**Task objective:** Instruction for the data below: set down exactly the lines from the line with "p3 = place(p2, frame((0.0, 0.0, 217.0)))" to the line with "p5 = place(p4, frame((5.4, 0.0, 0.0)))", inclusive, and no others.

**Exercise inputs:**
# # # # # # #

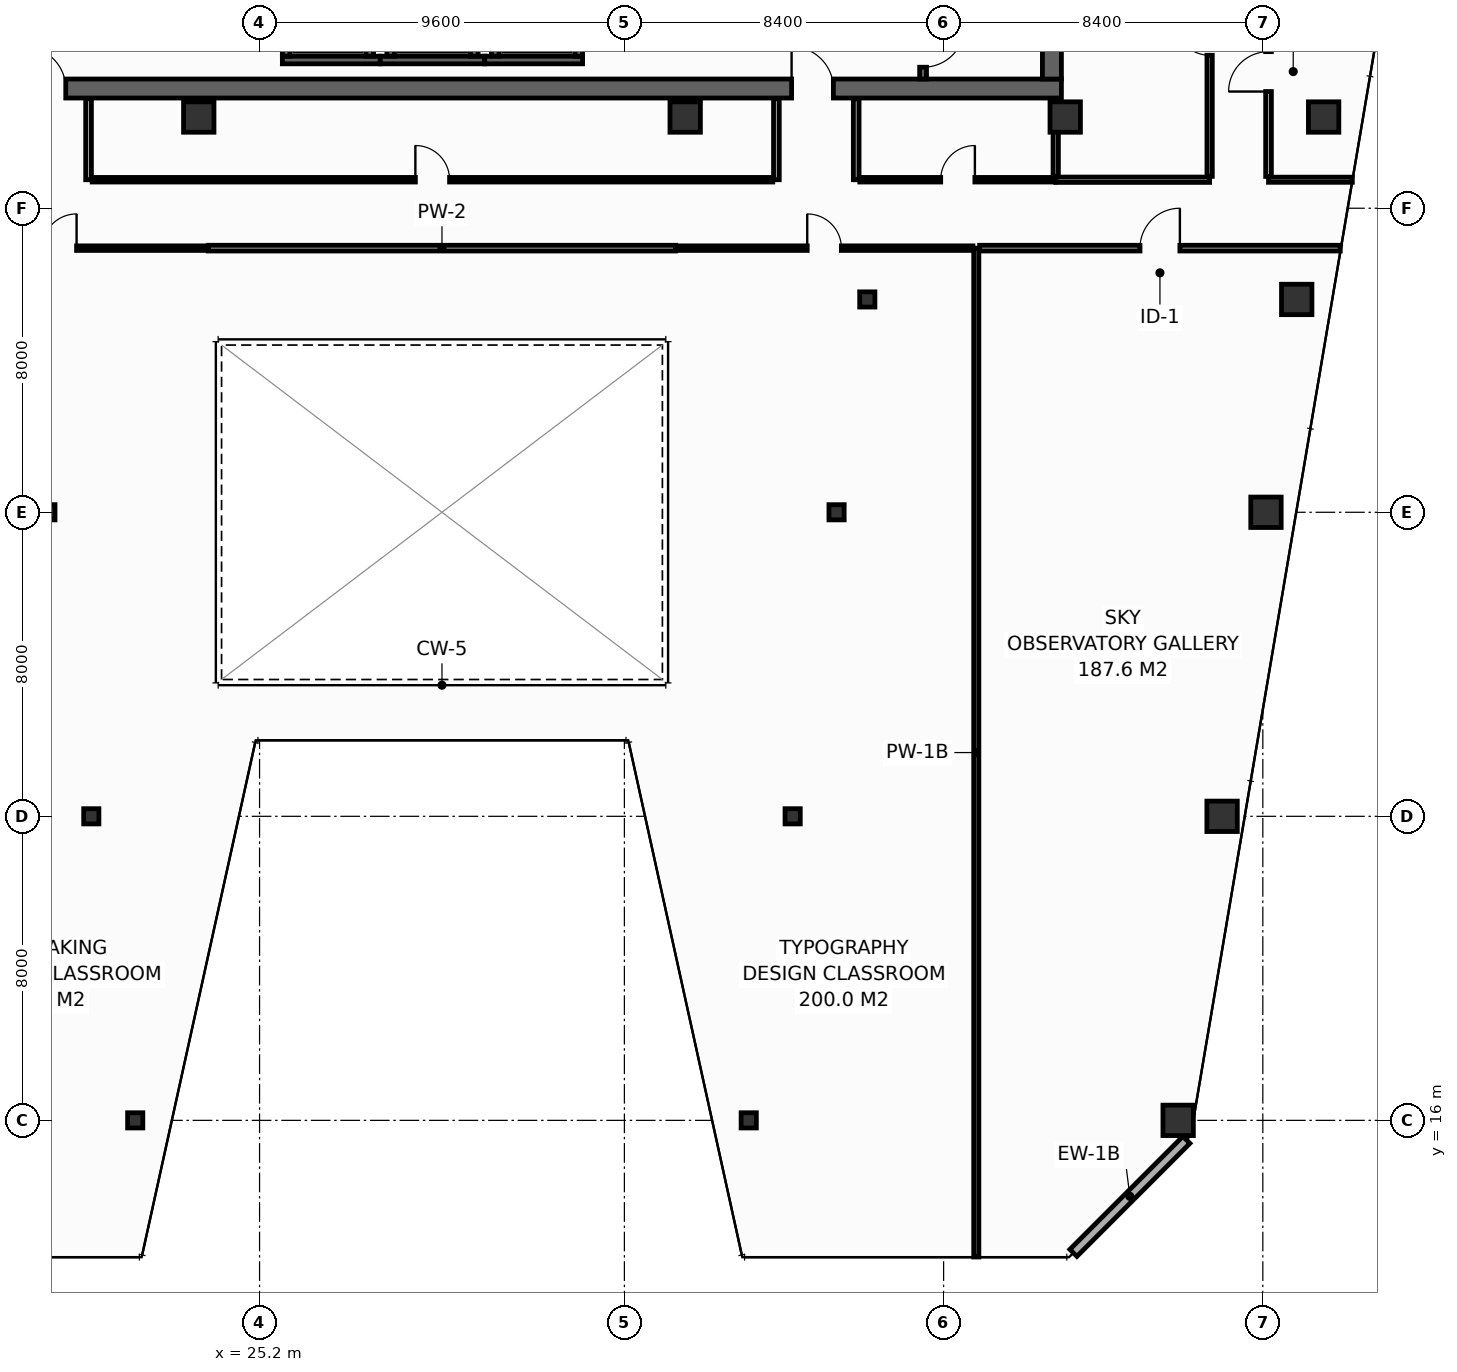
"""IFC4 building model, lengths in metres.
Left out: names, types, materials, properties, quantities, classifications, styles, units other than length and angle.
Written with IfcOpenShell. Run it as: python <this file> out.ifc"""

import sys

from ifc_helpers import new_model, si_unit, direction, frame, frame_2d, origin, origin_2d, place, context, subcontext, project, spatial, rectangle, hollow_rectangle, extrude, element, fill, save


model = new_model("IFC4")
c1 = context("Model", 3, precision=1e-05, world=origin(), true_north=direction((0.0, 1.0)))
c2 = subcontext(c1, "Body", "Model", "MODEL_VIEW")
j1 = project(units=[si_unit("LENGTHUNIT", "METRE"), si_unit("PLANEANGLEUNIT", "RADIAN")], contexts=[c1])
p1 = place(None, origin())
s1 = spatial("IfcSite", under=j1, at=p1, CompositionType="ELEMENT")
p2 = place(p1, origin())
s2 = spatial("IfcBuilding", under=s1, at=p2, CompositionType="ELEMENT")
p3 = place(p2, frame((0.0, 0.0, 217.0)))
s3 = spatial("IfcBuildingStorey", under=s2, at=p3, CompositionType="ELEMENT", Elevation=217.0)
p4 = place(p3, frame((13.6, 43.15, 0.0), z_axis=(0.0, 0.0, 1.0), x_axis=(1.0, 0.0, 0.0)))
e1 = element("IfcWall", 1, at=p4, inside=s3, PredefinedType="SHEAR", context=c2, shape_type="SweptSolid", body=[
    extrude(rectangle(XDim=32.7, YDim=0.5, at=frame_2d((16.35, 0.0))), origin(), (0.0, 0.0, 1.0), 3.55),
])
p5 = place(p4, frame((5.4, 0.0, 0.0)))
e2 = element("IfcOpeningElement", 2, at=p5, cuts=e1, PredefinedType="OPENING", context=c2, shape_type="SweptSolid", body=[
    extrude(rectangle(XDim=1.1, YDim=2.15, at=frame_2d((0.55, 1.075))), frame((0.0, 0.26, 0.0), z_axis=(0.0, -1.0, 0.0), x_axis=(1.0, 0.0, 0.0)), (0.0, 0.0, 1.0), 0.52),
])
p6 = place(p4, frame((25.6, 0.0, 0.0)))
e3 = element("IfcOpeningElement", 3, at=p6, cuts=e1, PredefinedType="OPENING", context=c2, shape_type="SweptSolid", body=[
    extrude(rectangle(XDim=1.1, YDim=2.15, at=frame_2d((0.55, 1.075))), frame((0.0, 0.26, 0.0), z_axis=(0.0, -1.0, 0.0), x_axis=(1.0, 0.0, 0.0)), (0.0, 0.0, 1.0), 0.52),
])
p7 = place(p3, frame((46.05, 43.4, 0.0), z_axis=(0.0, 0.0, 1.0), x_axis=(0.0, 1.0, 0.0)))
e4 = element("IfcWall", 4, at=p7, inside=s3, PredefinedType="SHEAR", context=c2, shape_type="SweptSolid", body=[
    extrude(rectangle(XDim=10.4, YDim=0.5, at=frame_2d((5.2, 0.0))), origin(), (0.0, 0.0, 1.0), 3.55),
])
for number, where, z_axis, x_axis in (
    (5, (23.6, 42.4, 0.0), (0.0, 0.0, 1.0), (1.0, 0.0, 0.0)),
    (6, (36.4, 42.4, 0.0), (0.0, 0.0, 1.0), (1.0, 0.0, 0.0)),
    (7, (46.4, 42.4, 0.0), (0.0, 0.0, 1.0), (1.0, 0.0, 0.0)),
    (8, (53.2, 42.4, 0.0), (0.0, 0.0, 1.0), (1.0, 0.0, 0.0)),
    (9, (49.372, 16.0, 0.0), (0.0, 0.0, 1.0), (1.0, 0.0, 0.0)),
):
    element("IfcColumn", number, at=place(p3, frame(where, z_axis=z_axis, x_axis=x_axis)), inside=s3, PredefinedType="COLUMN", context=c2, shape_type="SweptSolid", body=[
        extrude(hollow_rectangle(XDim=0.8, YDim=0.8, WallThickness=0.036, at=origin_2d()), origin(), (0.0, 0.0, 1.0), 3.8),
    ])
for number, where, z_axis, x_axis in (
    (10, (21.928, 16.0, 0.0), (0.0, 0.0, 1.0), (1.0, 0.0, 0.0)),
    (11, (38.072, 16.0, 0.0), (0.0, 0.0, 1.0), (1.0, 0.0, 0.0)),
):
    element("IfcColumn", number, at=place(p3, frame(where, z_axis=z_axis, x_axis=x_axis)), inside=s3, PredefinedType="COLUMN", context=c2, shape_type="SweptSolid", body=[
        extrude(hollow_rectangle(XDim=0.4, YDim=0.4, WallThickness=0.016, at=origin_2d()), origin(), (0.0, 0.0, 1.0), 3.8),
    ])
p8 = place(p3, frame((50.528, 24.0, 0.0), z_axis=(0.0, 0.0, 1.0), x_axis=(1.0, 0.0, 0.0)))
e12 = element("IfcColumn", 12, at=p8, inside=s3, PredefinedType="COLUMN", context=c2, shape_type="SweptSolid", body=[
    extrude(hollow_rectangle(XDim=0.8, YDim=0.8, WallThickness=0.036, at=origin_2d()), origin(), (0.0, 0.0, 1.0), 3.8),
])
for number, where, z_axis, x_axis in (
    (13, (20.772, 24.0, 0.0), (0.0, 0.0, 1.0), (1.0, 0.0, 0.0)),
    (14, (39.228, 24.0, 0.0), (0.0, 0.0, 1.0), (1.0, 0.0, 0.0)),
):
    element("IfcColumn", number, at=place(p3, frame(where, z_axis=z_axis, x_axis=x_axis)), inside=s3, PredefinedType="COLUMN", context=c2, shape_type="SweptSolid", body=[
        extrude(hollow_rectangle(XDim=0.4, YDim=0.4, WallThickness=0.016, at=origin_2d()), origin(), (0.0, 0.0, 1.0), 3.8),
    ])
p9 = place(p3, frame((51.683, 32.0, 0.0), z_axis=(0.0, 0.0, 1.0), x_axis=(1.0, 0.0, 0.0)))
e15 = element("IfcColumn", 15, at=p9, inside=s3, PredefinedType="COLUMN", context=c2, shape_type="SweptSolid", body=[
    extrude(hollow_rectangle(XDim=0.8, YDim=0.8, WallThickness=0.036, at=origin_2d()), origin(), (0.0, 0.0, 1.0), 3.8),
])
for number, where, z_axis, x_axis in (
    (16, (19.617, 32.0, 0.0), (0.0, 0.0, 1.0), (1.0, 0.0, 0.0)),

# # # # # # #

**Exercise solution:**
p3 = place(p2, frame((0.0, 0.0, 217.0)))
s3 = spatial("IfcBuildingStorey", under=s2, at=p3, CompositionType="ELEMENT", Elevation=217.0)
p4 = place(p3, frame((13.6, 43.15, 0.0), z_axis=(0.0, 0.0, 1.0), x_axis=(1.0, 0.0, 0.0)))
e1 = element("IfcWall", 1, at=p4, inside=s3, PredefinedType="SHEAR", context=c2, shape_type="SweptSolid", body=[
    extrude(rectangle(XDim=32.7, YDim=0.5, at=frame_2d((16.35, 0.0))), origin(), (0.0, 0.0, 1.0), 3.55),
])
p5 = place(p4, frame((5.4, 0.0, 0.0)))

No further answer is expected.